• _Assignment_
Check every line of the data for the word "project", and copy those that have it.

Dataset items
━━━━━━

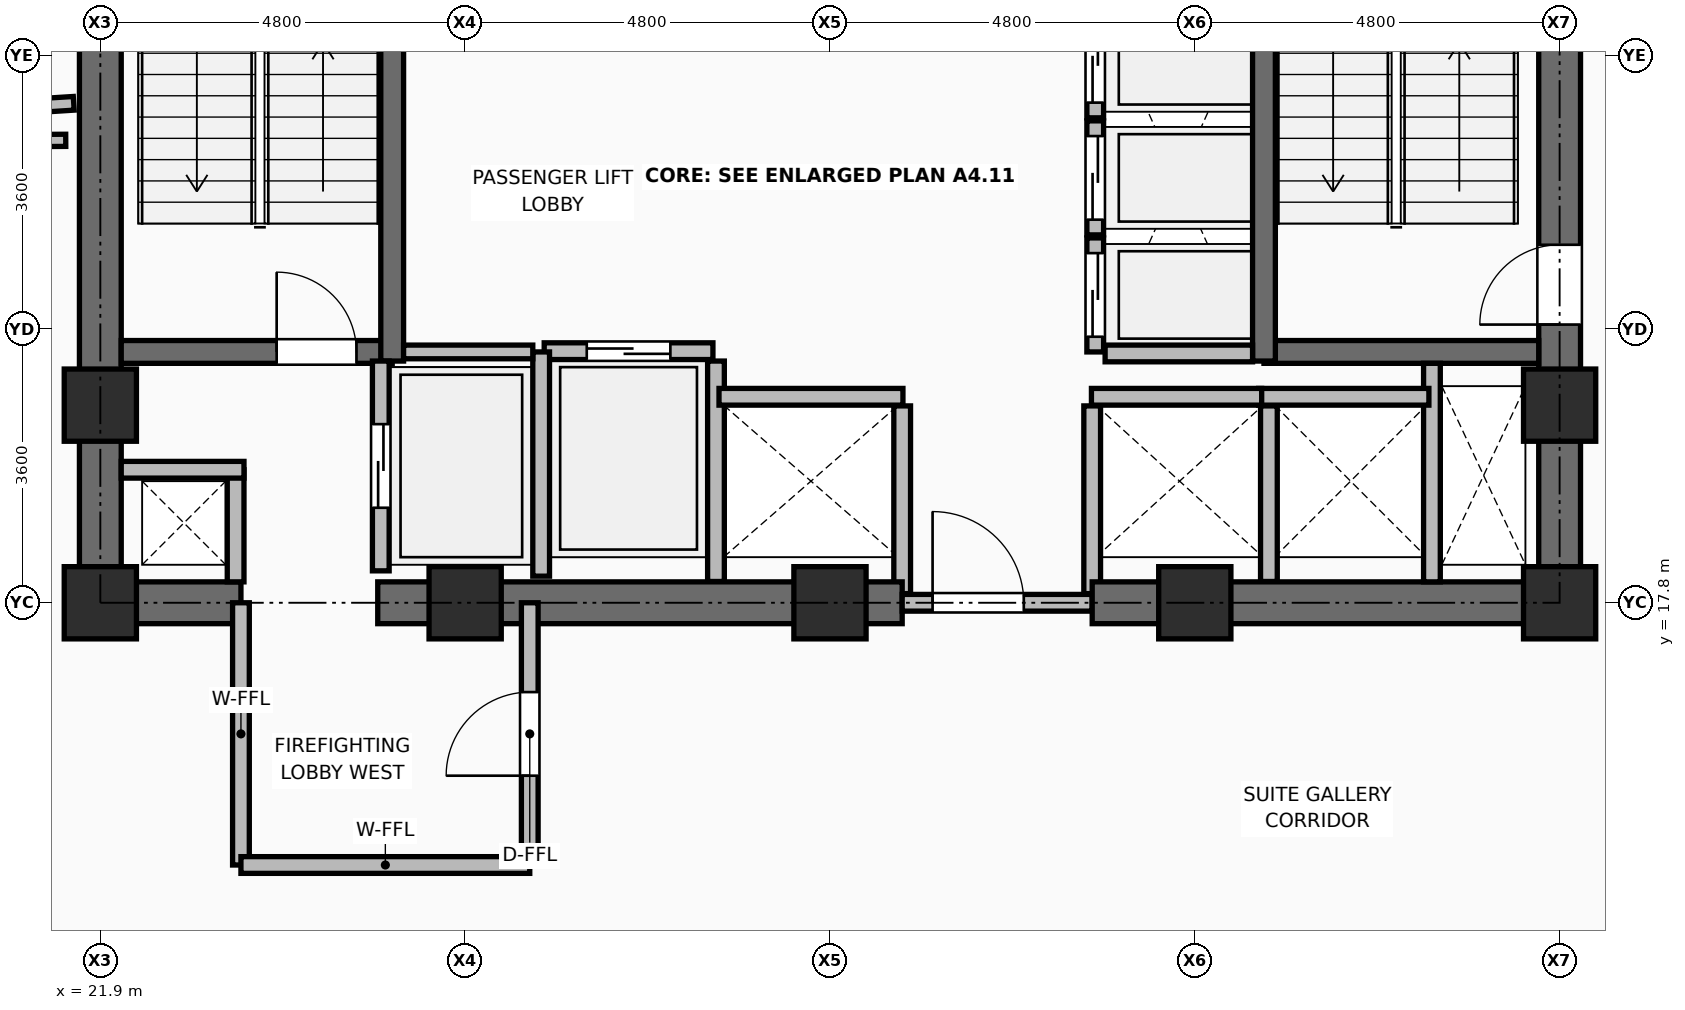
"""IFC4 building model, lengths in metres.
Left out: names, types, materials, properties, quantities, classifications, styles, units other than length and angle.
Written with IfcOpenShell. Run it as: python <this file> out.ifc"""

import sys

from ifc_helpers import new_model, si_unit, direction, frame, frame_2d, origin, origin_2d, place, context, subcontext, project, spatial, rectangle, extrude, element, fill, save


model = new_model("IFC4")
c1 = context("Model", 3, precision=1e-05, world=origin(), true_north=direction((0.0, 1.0)))
c2 = subcontext(c1, "Body", "Model", "MODEL_VIEW")
j1 = project(units=[si_unit("LENGTHUNIT", "METRE"), si_unit("PLANEANGLEUNIT", "RADIAN")], contexts=[c1])
p1 = place(None, origin())
s1 = spatial("IfcSite", under=j1, at=p1, CompositionType="ELEMENT")
p2 = place(p1, origin())
s2 = spatial("IfcBuilding", under=s1, at=p2, CompositionType="ELEMENT")
p3 = place(p2, frame((0.0, 0.0, 153.45)))
s3 = spatial("IfcBuildingStorey", under=s2, at=p3, CompositionType="ELEMENT", Elevation=153.45)
for number, where, z_axis, x_axis in (
    (1, (21.9, 17.8, 0.0), (0.0, 0.0, 1.0), (1.0, 0.0, 0.0)),
    (2, (26.7, 17.8, 0.0), (0.0, 0.0, 1.0), (1.0, 0.0, 0.0)),
    (3, (31.5, 17.8, 0.0), (0.0, 0.0, 1.0), (1.0, 0.0, 0.0)),
    (4, (36.3, 17.8, 0.0), (0.0, 0.0, 1.0), (1.0, 0.0, 0.0)),
    (5, (41.1, 17.8, 0.0), (0.0, 0.0, 1.0), (1.0, 0.0, 0.0)),
    (6, (21.9, 20.4, 0.0), (0.0, 0.0, 1.0), (1.0, 0.0, 0.0)),
    (7, (41.1, 20.4, 0.0), (0.0, 0.0, 1.0), (1.0, 0.0, 0.0)),
):
    element("IfcColumn", number, at=place(p3, frame(where, z_axis=z_axis, x_axis=x_axis)), inside=s3, PredefinedType="COLUMN", context=c2, shape_type="SweptSolid", body=[
        extrude(rectangle(XDim=0.95, YDim=0.95, at=origin_2d()), origin(), (0.0, 0.0, 1.0), 3.75),
    ])
p4 = place(p3, frame((30.0, 18.08, 0.0), z_axis=(0.0, 0.0, 1.0), x_axis=(0.0, 1.0, 0.0)))
e8 = element("IfcWall", 8, at=p4, inside=s3, PredefinedType="PARTITIONING", context=c2, shape_type="SweptSolid", body=[
    extrude(rectangle(XDim=2.9, YDim=0.22, at=frame_2d((1.45, 0.0))), origin(), (0.0, 0.0, 1.0), 3.545),
])
for number, where, z_axis, x_axis in (
    (9, (32.45, 17.92, 0.0), (0.0, 0.0, 1.0), (0.0, 1.0, 0.0)),
    (10, (34.95, 17.92, 0.0), (0.0, 0.0, 1.0), (0.0, 1.0, 0.0)),
):
    element("IfcWall", number, at=place(p3, frame(where, z_axis=z_axis, x_axis=x_axis)), inside=s3, PredefinedType="PARTITIONING", context=c2, shape_type="SweptSolid", body=[
        extrude(rectangle(XDim=2.47, YDim=0.22, at=frame_2d((1.235, 0.0))), origin(), (0.0, 0.0, 1.0), 3.006),
    ])
p5 = place(p3, frame((37.275, 18.08, 0.0), z_axis=(0.0, 0.0, 1.0), x_axis=(0.0, 1.0, 0.0)))
e11 = element("IfcWall", 11, at=p5, inside=s3, PredefinedType="PARTITIONING", context=c2, shape_type="SweptSolid", body=[
    extrude(rectangle(XDim=2.31, YDim=0.22, at=frame_2d((1.155, 0.0))), origin(), (0.0, 0.0, 1.0), 3.545),
])
p6 = place(p3, frame((21.625, 17.8, 0.0), z_axis=(0.0, 0.0, 1.0), x_axis=(1.0, 0.0, 0.0)))
e12 = element("IfcWall", 12, at=p6, inside=s3, PredefinedType="SHEAR", context=c2, shape_type="SweptSolid", body=[
    extrude(rectangle(XDim=2.125, YDim=0.55, at=frame_2d((1.062, 0.0))), origin(), (0.0, 0.0, 1.0), 3.57),
])
p7 = place(p3, frame((25.55, 17.8, 0.0), z_axis=(0.0, 0.0, 1.0), x_axis=(1.0, 0.0, 0.0)))
e13 = element("IfcWall", 13, at=p7, inside=s3, PredefinedType="SHEAR", context=c2, shape_type="SweptSolid", body=[
    extrude(rectangle(XDim=6.9, YDim=0.55, at=frame_2d((3.45, 0.0))), origin(), (0.0, 0.0, 1.0), 3.57),
])
p8 = place(p3, frame((32.45, 17.8, 0.0), z_axis=(0.0, 0.0, 1.0), x_axis=(1.0, 0.0, 0.0)))
e14 = element("IfcWall", 14, at=p8, inside=s3, PredefinedType="PARTITIONING", context=c2, shape_type="SweptSolid", body=[
    extrude(rectangle(XDim=2.5, YDim=0.22, at=frame_2d((1.25, 0.0))), origin(), (0.0, 0.0, 1.0), 3.006),
])
p9 = place(p8, frame((0.4, 0.0, 0.0)))
e15 = element("IfcOpeningElement", 15, at=p9, cuts=e14, PredefinedType="OPENING", context=c2, shape_type="SweptSolid", body=[
    extrude(rectangle(XDim=1.2, YDim=2.1, at=frame_2d((0.6, 1.05))), frame((0.0, 0.12, 0.0), z_axis=(0.0, -1.0, 0.0), x_axis=(1.0, 0.0, 0.0)), (0.0, 0.0, 1.0), 0.24),
])
p10 = place(p3, frame((34.95, 17.8, 0.0), z_axis=(0.0, 0.0, 1.0), x_axis=(1.0, 0.0, 0.0)))
e16 = element("IfcWall", 16, at=p10, inside=s3, PredefinedType="SHEAR", context=c2, shape_type="SweptSolid", body=[
    extrude(rectangle(XDim=6.425, YDim=0.55, at=frame_2d((3.212, 0.0))), origin(), (0.0, 0.0, 1.0), 3.57),
])
p11 = place(p3, frame((21.9, 18.075, 0.0), z_axis=(0.0, 0.0, 1.0), x_axis=(0.0, 1.0, 0.0)))
e17 = element("IfcWall", 17, at=p11, inside=s3, PredefinedType="SHEAR", context=c2, shape_type="SweptSolid", body=[
    extrude(rectangle(XDim=14.1, YDim=0.55, at=frame_2d((7.05, 0.0))), origin(), (0.0, 0.0, 1.0), 3.57),
])
p12 = place(p3, frame((41.1, 18.075, 0.0), z_axis=(0.0, 0.0, 1.0), x_axis=(0.0, 1.0, 0.0)))
e18 = element("IfcWall", 18, at=p12, inside=s3, PredefinedType="SHEAR", context=c2, shape_type="SweptSolid", body=[
    extrude(rectangle(XDim=14.1, YDim=0.55, at=frame_2d((7.05, 0.0))), origin(), (0.0, 0.0, 1.0), 3.57),
])
p13 = place(p12, frame((3.385, 0.0, 0.0)))
e19 = element("IfcOpeningElement", 19, at=p13, cuts=e18, PredefinedType="OPENING", context=c2, shape_type="SweptSolid", body=[
    extrude(rectangle(XDim=1.05, YDim=2.1, at=frame_2d((0.525, 1.05))), frame((0.0, 0.285, 0.0), z_axis=(0.0, -1.0, 0.0), x_axis=(1.0, 0.0, 0.0)), (0.0, 0.0, 1.0), 0.57),
])
p14 = place(p3, frame((22.175, 21.1, 0.0), z_axis=(0.0, 0.0, 1.0), x_axis=(1.0, 0.0, 0.0)))
e20 = element("IfcWall", 20, at=p14, inside=s3, PredefinedType="SHEAR", context=c2, shape_type="SweptSolid", body=[
    extrude(rectangle(XDim=3.565, YDim=0.3, at=frame_2d((1.782, 0.0))), origin(), (0.0, 0.0, 1.0), 3.57),
])
p15 = place(p14, frame((2.045, 0.0, 0.0)))
e21 = element("IfcOpeningElement", 21, at=p15, cuts=e20, PredefinedType="OPENING", context=c2, shape_type="SweptSolid", body=[
    extrude(rectangle(XDim=1.05, YDim=2.1, at=frame_2d((0.525, 1.05))), frame((0.0, 0.16, 0.0), z_axis=(0.0, -1.0, 0.0), x_axis=(1.0, 0.0, 0.0)), (0.0, 0.0, 1.0), 0.32),
])
p16 = place(p3, frame((25.74, 20.98, 0.0), z_axis=(0.0, 0.0, 1.0), x_axis=(0.0, 1.0, 0.0)))
e22 = element("IfcWall", 22, at=p16, inside=s3, PredefinedType="SHEAR", context=c2, shape_type="SweptSolid", body=[
    extrude(rectangle(XDim=7.99, YDim=0.3, at=frame_2d((3.995, 0.0))), origin(), (0.0, 0.0, 1.0), 3.57),
])
p17 = place(p3, frame((37.21, 21.1, 0.0), z_axis=(0.0, 0.0, 1.0), x_axis=(1.0, 0.0, 0.0)))
e23 = element("IfcWall", 23, at=p17, inside=s3, PredefinedType="SHEAR", context=c2, shape_type="SweptSolid", body=[
    extrude(rectangle(XDim=3.615, YDim=0.3, at=frame_2d((1.808, 0.0))), origin(), (0.0, 0.0, 1.0), 3.57),
])
p18 = place(p3, frame((37.21, 20.98, 0.0), z_axis=(0.0, 0.0, 1.0), x_axis=(0.0, 1.0, 0.0)))
e24 = element("IfcWall", 24, at=p18, inside=s3, PredefinedType="SHEAR", context=c2, shape_type="SweptSolid", body=[
    extrude(rectangle(XDim=7.99, YDim=0.3, at=frame_2d((3.995, 0.0))), origin(), (0.0, 0.0, 1.0), 3.57),
])
p19 = place(p3, frame((23.68, 18.075, 0.0), z_axis=(0.0, 0.0, 1.0), x_axis=(0.0, 1.0, 0.0)))
e25 = element("IfcWall", 25, at=p19, inside=s3, PredefinedType="PARTITIONING", context=c2, shape_type="SweptSolid", body=[
    extrude(rectangle(XDim=1.475, YDim=0.22, at=frame_2d((0.738, 0.0))), origin(), (0.0, 0.0, 1.0), 3.55),
])
p20 = place(p3, frame((22.175, 19.55, 0.0), z_axis=(0.0, 0.0, 1.0), x_axis=(1.0, 0.0, 0.0)))
e26 = element("IfcWall", 26, at=p20, inside=s3, PredefinedType="PARTITIONING", context=c2, shape_type="SweptSolid", body=[
    extrude(rectangle(XDim=1.615, YDim=0.22, at=frame_2d((0.808, 0.0))), origin(), (0.0, 0.0, 1.0), 2.595),
])
p21 = place(p3, frame((39.42, 18.075, 0.0), z_axis=(0.0, 0.0, 1.0), x_axis=(0.0, 1.0, 0.0)))
e27 = element("IfcWall", 27, at=p21, inside=s3, PredefinedType="PARTITIONING", context=c2, shape_type="SweptSolid", body=[
    extrude(rectangle(XDim=2.875, YDim=0.22, at=frame_2d((1.438, 0.0))), origin(), (0.0, 0.0, 1.0), 3.55),
])
p22 = place(p3, frame((25.59, 18.22, 0.0), z_axis=(0.0, 0.0, 1.0), x_axis=(0.0, 1.0, 0.0)))
e28 = element("IfcWall", 28, at=p22, inside=s3, PredefinedType="PARTITIONING", context=c2, shape_type="SweptSolid", body=[
    extrude(rectangle(XDim=2.76, YDim=0.22, at=frame_2d((1.38, 0.0))), origin(), (0.0, 0.0, 1.0), 3.55),
])
p23 = place(p22, frame((0.83, 0.0, 0.0)))
e29 = element("IfcOpeningElement", 29, at=p23, cuts=e28, PredefinedType="OPENING", context=c2, shape_type="SweptSolid", body=[
    extrude(rectangle(XDim=1.1, YDim=2.2, at=frame_2d((0.55, 1.1))), frame((0.0, 0.12, 0.0), z_axis=(0.0, -1.0, 0.0), x_axis=(1.0, 0.0, 0.0)), (0.0, 0.0, 1.0), 0.24),
])
p24 = place(p3, frame((27.74, 21.11, 0.0), z_axis=(0.0, 0.0, 1.0), x_axis=(1.0, 0.0, 0.0)))
e30 = element("IfcWall", 30, at=p24, inside=s3, PredefinedType="PARTITIONING", context=c2, shape_type="SweptSolid", body=[
    extrude(rectangle(XDim=2.22, YDim=0.22, at=frame_2d((1.11, 0.0))), origin(), (0.0, 0.0, 1.0), 3.55),
])
p25 = place(p24, frame((0.56, 0.0, 0.0)))
e31 = element("IfcOpeningElement", 31, at=p25, cuts=e30, PredefinedType="OPENING", context=c2, shape_type="SweptSolid", body=[
    extrude(rectangle(XDim=1.1, YDim=2.2, at=frame_2d((0.55, 1.1))), frame((0.0, 0.12, 0.0), z_axis=(0.0, -1.0, 0.0), x_axis=(1.0, 0.0, 0.0)), (0.0, 0.0, 1.0), 0.24),
])
p26 = place(p3, frame((30.04, 20.51, 0.0), z_axis=(0.0, 0.0, 1.0), x_axis=(1.0, 0.0, 0.0)))
e32 = element("IfcWall", 32, at=p26, inside=s3, PredefinedType="PARTITIONING", context=c2, shape_type="SweptSolid", body=[
    extrude(rectangle(XDim=2.42, YDim=0.22, at=frame_2d((1.21, 0.0))), origin(), (0.0, 0.0, 1.0), 3.55),
])
for number, where, z_axis, x_axis in (
    (33, (37.14, 20.51, 0.0), (0.0, 0.0, 1.0), (1.0, 0.0, 0.0)),
    (34, (34.94, 20.51, 0.0), (0.0, 0.0, 1.0), (1.0, 0.0, 0.0)),
):
    element("IfcWall", number, at=place(p3, frame(where, z_axis=z_axis, x_axis=x_axis)), inside=s3, PredefinedType="PARTITIONING", context=c2, shape_type="SweptSolid", body=[
        extrude(rectangle(XDim=2.24, YDim=0.22, at=frame_2d((1.12, 0.0))), origin(), (0.0, 0.0, 1.0), 3.55),
    ])
p27 = place(p3, frame((34.99, 21.1, 0.0), z_axis=(0.0, 0.0, 1.0), x_axis=(0.0, 1.0, 0.0)))
e35 = element("IfcWall", 35, at=p27, inside=s3, PredefinedType="PARTITIONING", context=c2, shape_type="SweptSolid", body=[
    extrude(rectangle(XDim=1.5, YDim=0.22, at=frame_2d((0.75, 0.0))), origin(), (0.0, 0.0, 1.0), 3.55),
])
p28 = place(p27, frame((0.2, 0.0, 0.0)))
e36 = element("IfcOpeningElement", 36, at=p28, cuts=e35, PredefinedType="OPENING", context=c2, shape_type="SweptSolid", body=[
    extrude(rectangle(XDim=1.1, YDim=2.2, at=frame_2d((0.55, 1.1))), frame((0.0, 0.12, 0.0), z_axis=(0.0, -1.0, 0.0), x_axis=(1.0, 0.0, 0.0)), (0.0, 0.0, 1.0), 0.24),
])
p29 = place(p3, frame((34.99, 22.64, 0.0), z_axis=(0.0, 0.0, 1.0), x_axis=(0.0, 1.0, 0.0)))
e37 = element("IfcWall", 37, at=p29, inside=s3, PredefinedType="PARTITIONING", context=c2, shape_type="SweptSolid", body=[
    extrude(rectangle(XDim=1.5, YDim=0.22, at=frame_2d((0.75, 0.0))), origin(), (0.0, 0.0, 1.0), 3.55),
])
p30 = place(p29, frame((0.2, 0.0, 0.0)))
e38 = element("IfcOpeningElement", 38, at=p30, cuts=e37, PredefinedType="OPENING", context=c2, shape_type="SweptSolid", body=[
    extrude(rectangle(XDim=1.1, YDim=2.2, at=frame_2d((0.55, 1.1))), frame((0.0, 0.12, 0.0), z_axis=(0.0, -1.0, 0.0), x_axis=(1.0, 0.0, 0.0)), (0.0, 0.0, 1.0), 0.24),
])
p31 = place(p3, frame((34.99, 24.18, 0.0), z_axis=(0.0, 0.0, 1.0), x_axis=(0.0, 1.0, 0.0)))
e39 = element("IfcWall", 39, at=p31, inside=s3, PredefinedType="PARTITIONING", context=c2, shape_type="SweptSolid", body=[
    extrude(rectangle(XDim=1.5, YDim=0.22, at=frame_2d((0.75, 0.0))), origin(), (0.0, 0.0, 1.0), 3.55),
])
p32 = place(p31, frame((0.2, 0.0, 0.0)))
e40 = element("IfcOpeningElement", 40, at=p32, cuts=e39, PredefinedType="OPENING", context=c2, shape_type="SweptSolid", body=[
    extrude(rectangle(XDim=1.1, YDim=2.2, at=frame_2d((0.55, 1.1))), frame((0.0, 0.12, 0.0), z_axis=(0.0, -1.0, 0.0), x_axis=(1.0, 0.0, 0.0)), (0.0, 0.0, 1.0), 0.24),
])
p33 = place(p3, frame((27.7, 18.15, 0.0), z_axis=(0.0, 0.0, 1.0), x_axis=(0.0, 1.0, 0.0)))
e41 = element("IfcWall", 41, at=p33, inside=s3, PredefinedType="PARTITIONING", context=c2, shape_type="SweptSolid", body=[
    extrude(rectangle(XDim=2.95, YDim=0.22, at=frame_2d((1.475, 0.0))), origin(), (0.0, 0.0, 1.0), 3.55),
])
p34 = place(p3, frame((35.12, 21.08, 0.0), z_axis=(0.0, 0.0, 1.0), x_axis=(1.0, 0.0, 0.0)))
e42 = element("IfcWall", 42, at=p34, inside=s3, PredefinedType="PARTITIONING", context=c2, shape_type="SweptSolid", body=[
    extrude(rectangle(XDim=1.94, YDim=0.22, at=frame_2d((0.97, 0.0))), origin(), (0.0, 0.0, 1.0), 3.55),
])
p35 = place(p3, frame((25.89, 21.1, 0.0), z_axis=(0.0, 0.0, 1.0), x_axis=(1.0, 0.0, 0.0)))
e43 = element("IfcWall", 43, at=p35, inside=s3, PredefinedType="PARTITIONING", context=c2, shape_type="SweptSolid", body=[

━━━━━━

• _Result for this exercise_
from ifc_helpers import new_model, si_unit, direction, frame, frame_2d, origin, origin_2d, place, context, subcontext, project, spatial, rectangle, extrude, element, fill, save
j1 = project(units=[si_unit("LENGTHUNIT", "METRE"), si_unit("PLANEANGLEUNIT", "RADIAN")], contexts=[c1])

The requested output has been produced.